(Task to carry out)
In the copy, include no images, and repeat each entry precisely as written.

(Raw data)
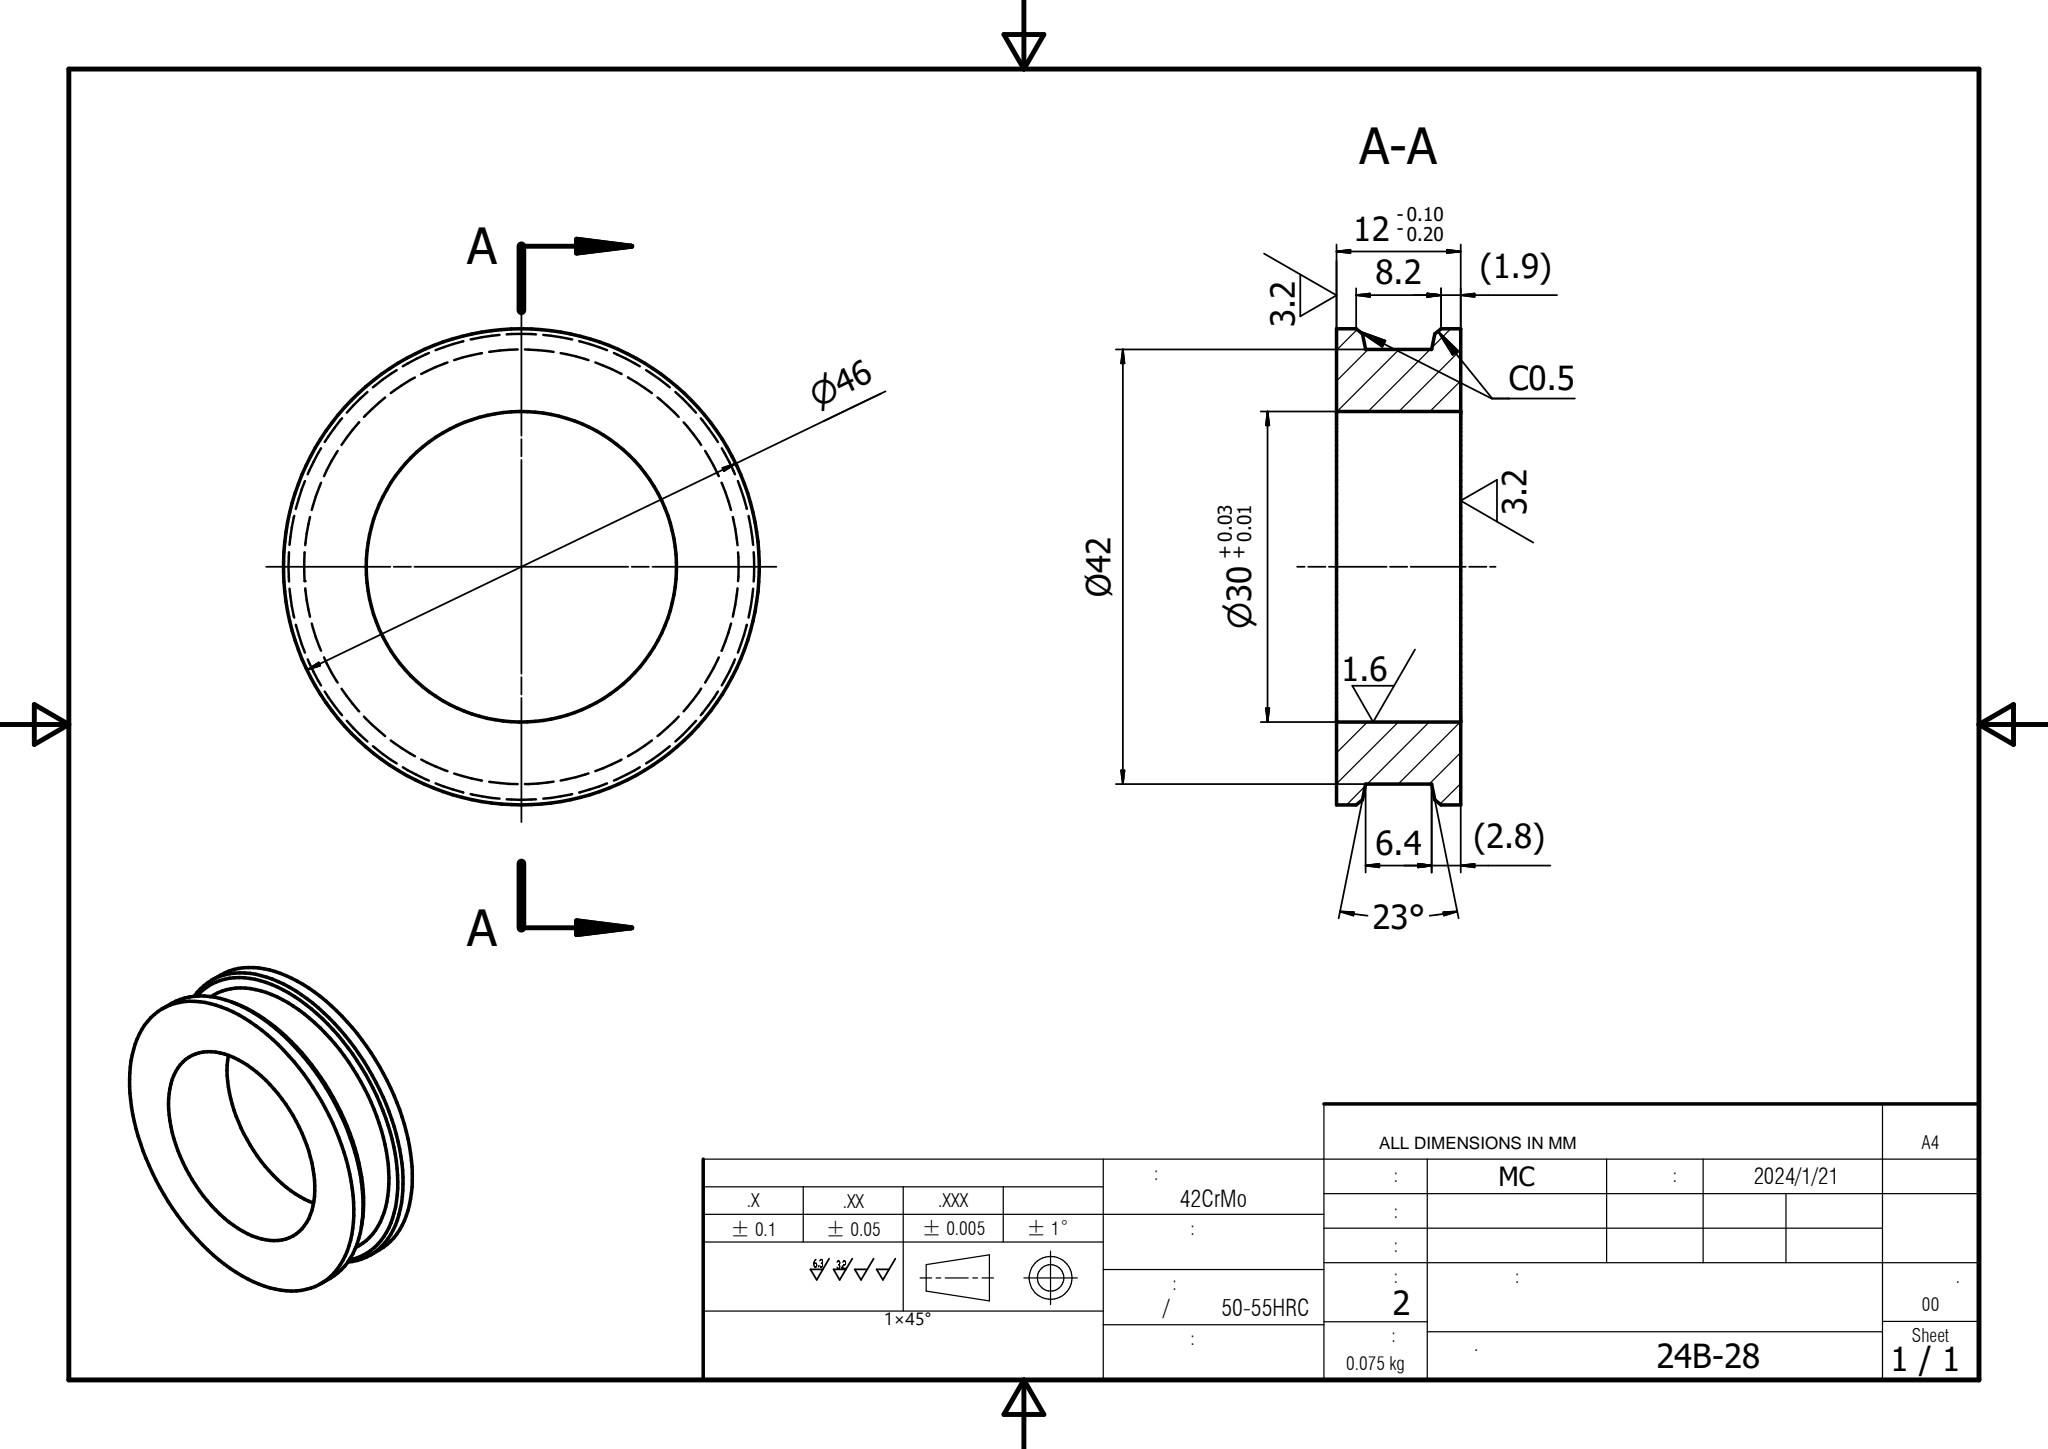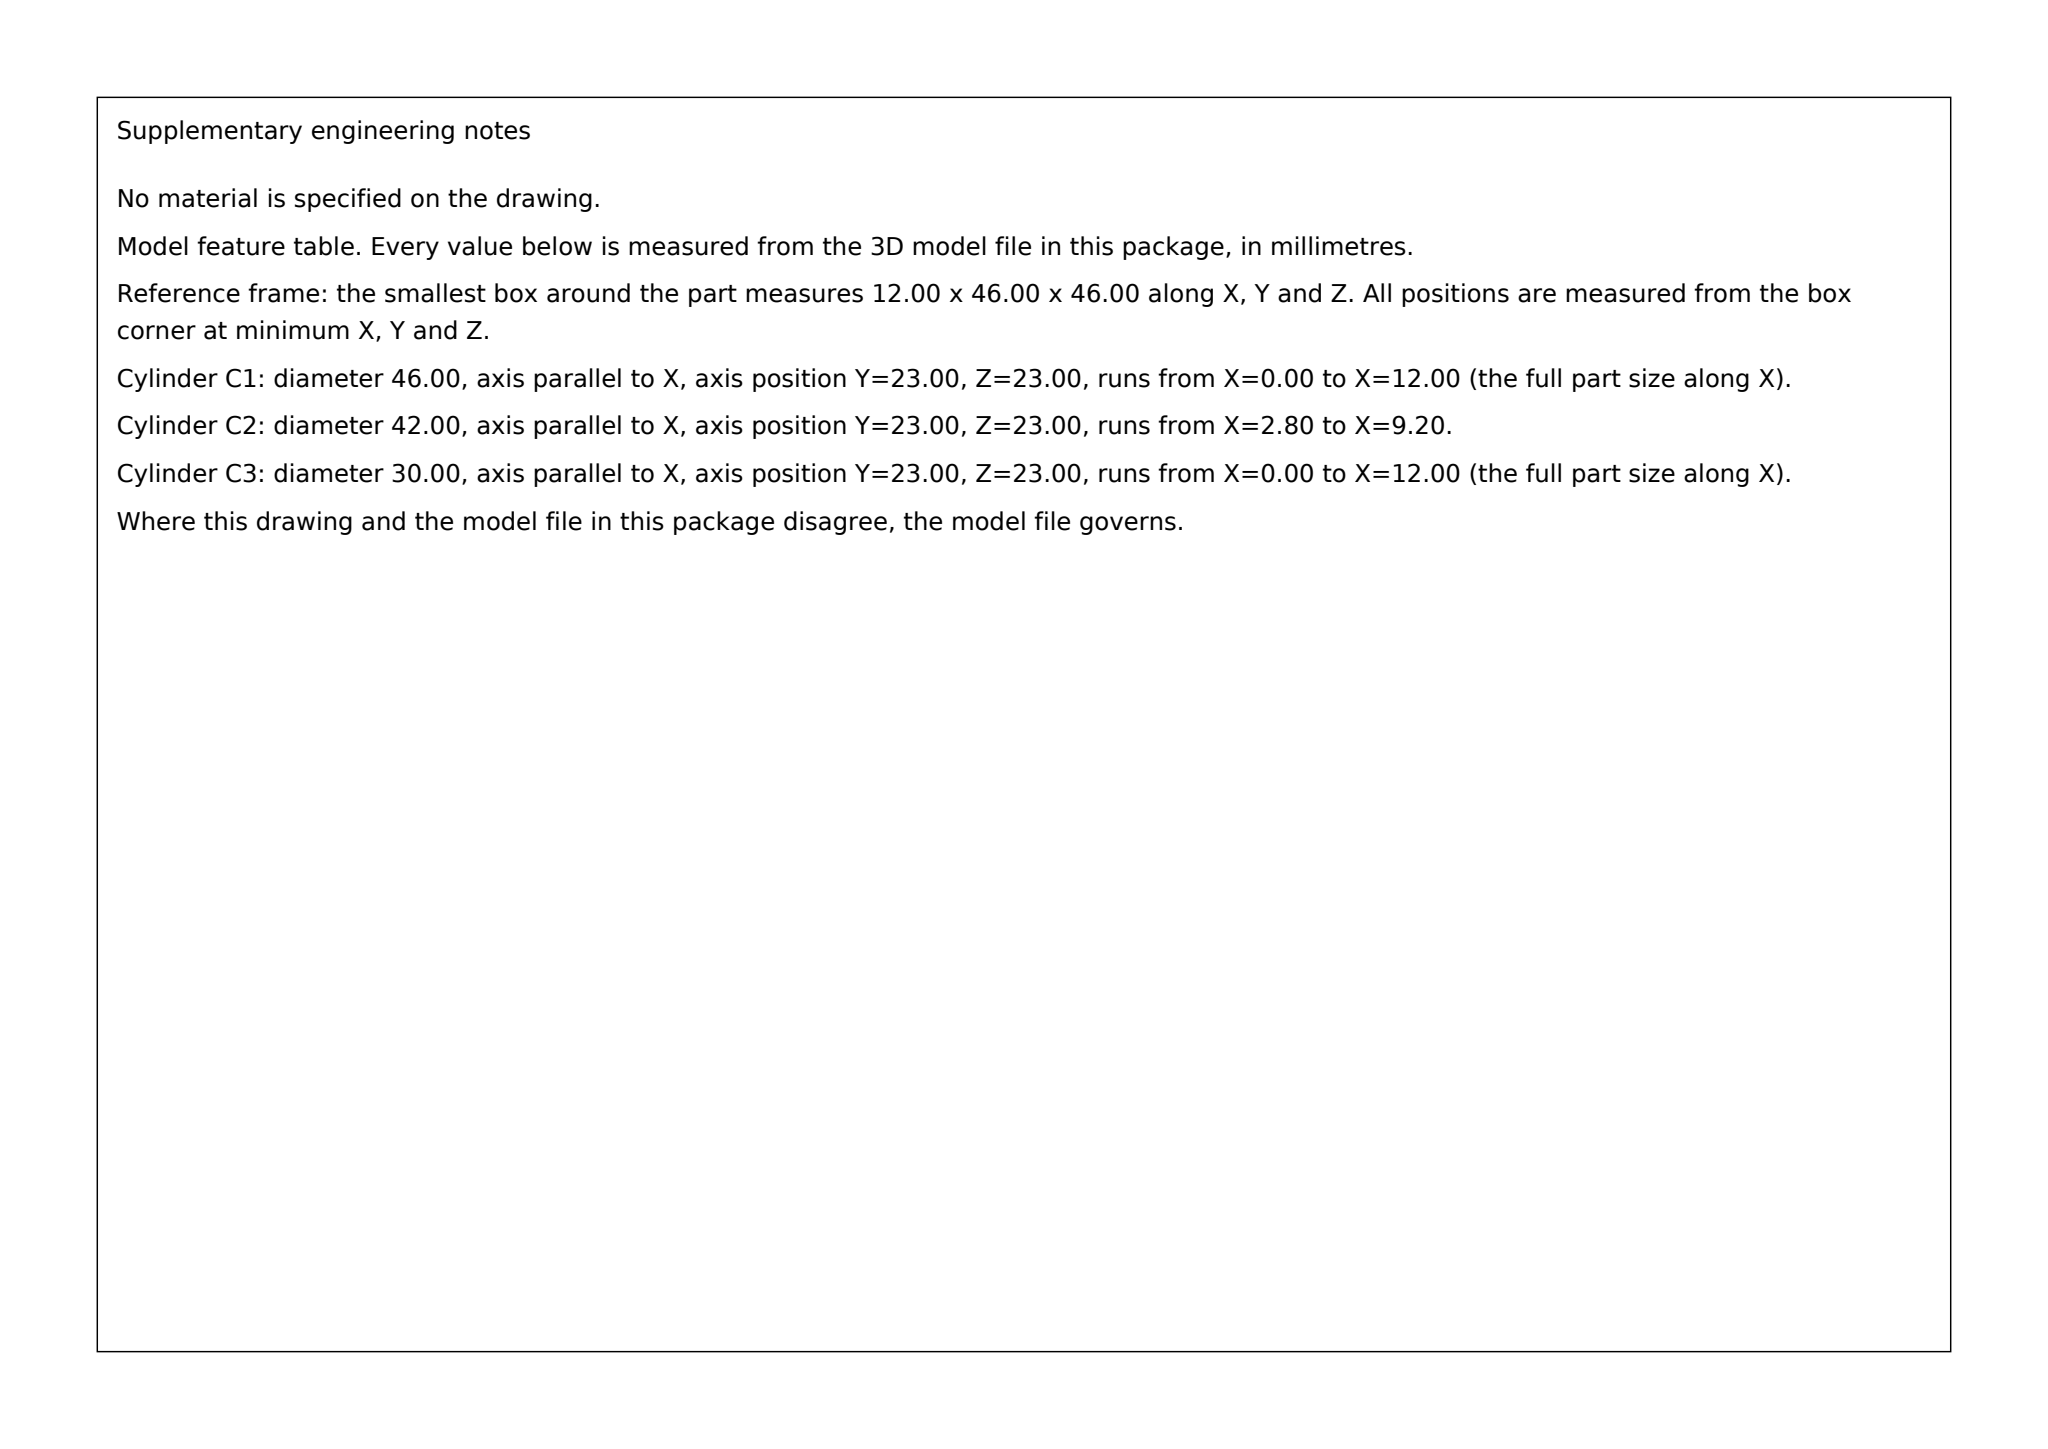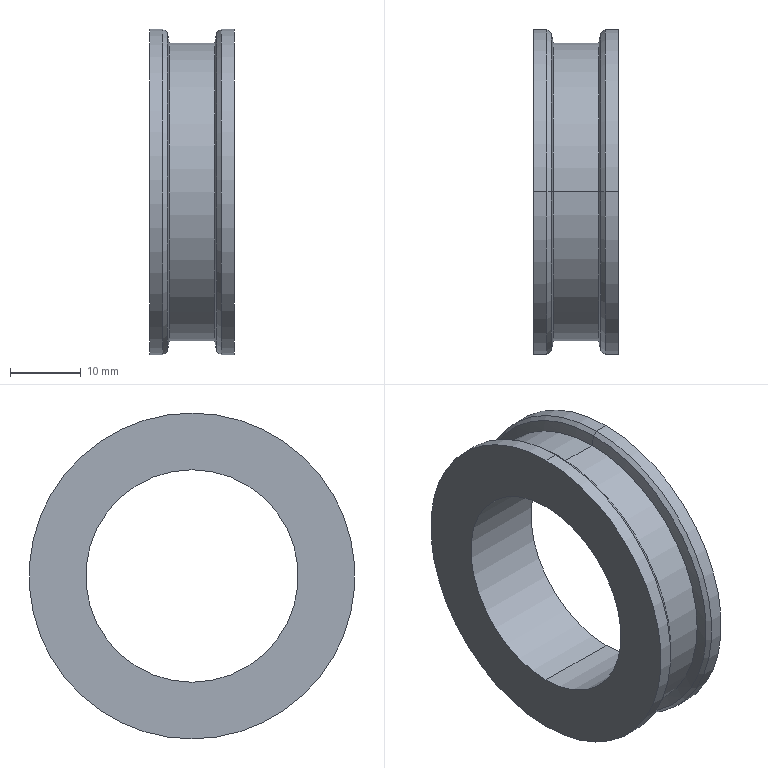Part | SolidWorks | mm | material 42CrMo | 1 solid | 18 faces | box 12 x 46 x 46 mm | volume 9544 mm3 | cylinder 8 | cone 8 | plane 2 | commonest cylinder face diameters 46 x4 30 x2 42 x2
STEP:
#1=CARTESIAN_POINT('',(12.,0.,-15.));
#2=VERTEX_POINT('',#1);
#3=CARTESIAN_POINT('',(12.,0.,15.));
#4=VERTEX_POINT('',#3);
#5=CARTESIAN_POINT('',(12.,0.,0.));
#6=DIRECTION('',(-1.,0.,0.));
#7=DIRECTION('',(0.,0.,1.));
#8=AXIS2_PLACEMENT_3D('',#5,#6,#7);
#9=CIRCLE('',#8,15.);
#10=EDGE_CURVE('',#2,#4,#9,.T.);
#11=ORIENTED_EDGE('',*,*,#10,.F.);
#12=CARTESIAN_POINT('',(0.,0.,-15.));
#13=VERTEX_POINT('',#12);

(Response)
Part | SolidWorks | mm | material 42CrMo | 1 solid | 18 faces | box 12 x 46 x 46 mm | volume 9544 mm3 | cylinder 8 | cone 8 | plane 2 | commonest cylinder face diameters 46 x4 30 x2 42 x2
STEP:
#1=CARTESIAN_POINT('',(12.,0.,-15.));
#2=VERTEX_POINT('',#1);
#3=CARTESIAN_POINT('',(12.,0.,15.));
#4=VERTEX_POINT('',#3);
#5=CARTESIAN_POINT('',(12.,0.,0.));
#6=DIRECTION('',(-1.,0.,0.));
#7=DIRECTION('',(0.,0.,1.));
#8=AXIS2_PLACEMENT_3D('',#5,#6,#7);
#9=CIRCLE('',#8,15.);
#10=EDGE_CURVE('',#2,#4,#9,.T.);
#11=ORIENTED_EDGE('',*,*,#10,.F.);
#12=CARTESIAN_POINT('',(0.,0.,-15.));
#13=VERTEX_POINT('',#12);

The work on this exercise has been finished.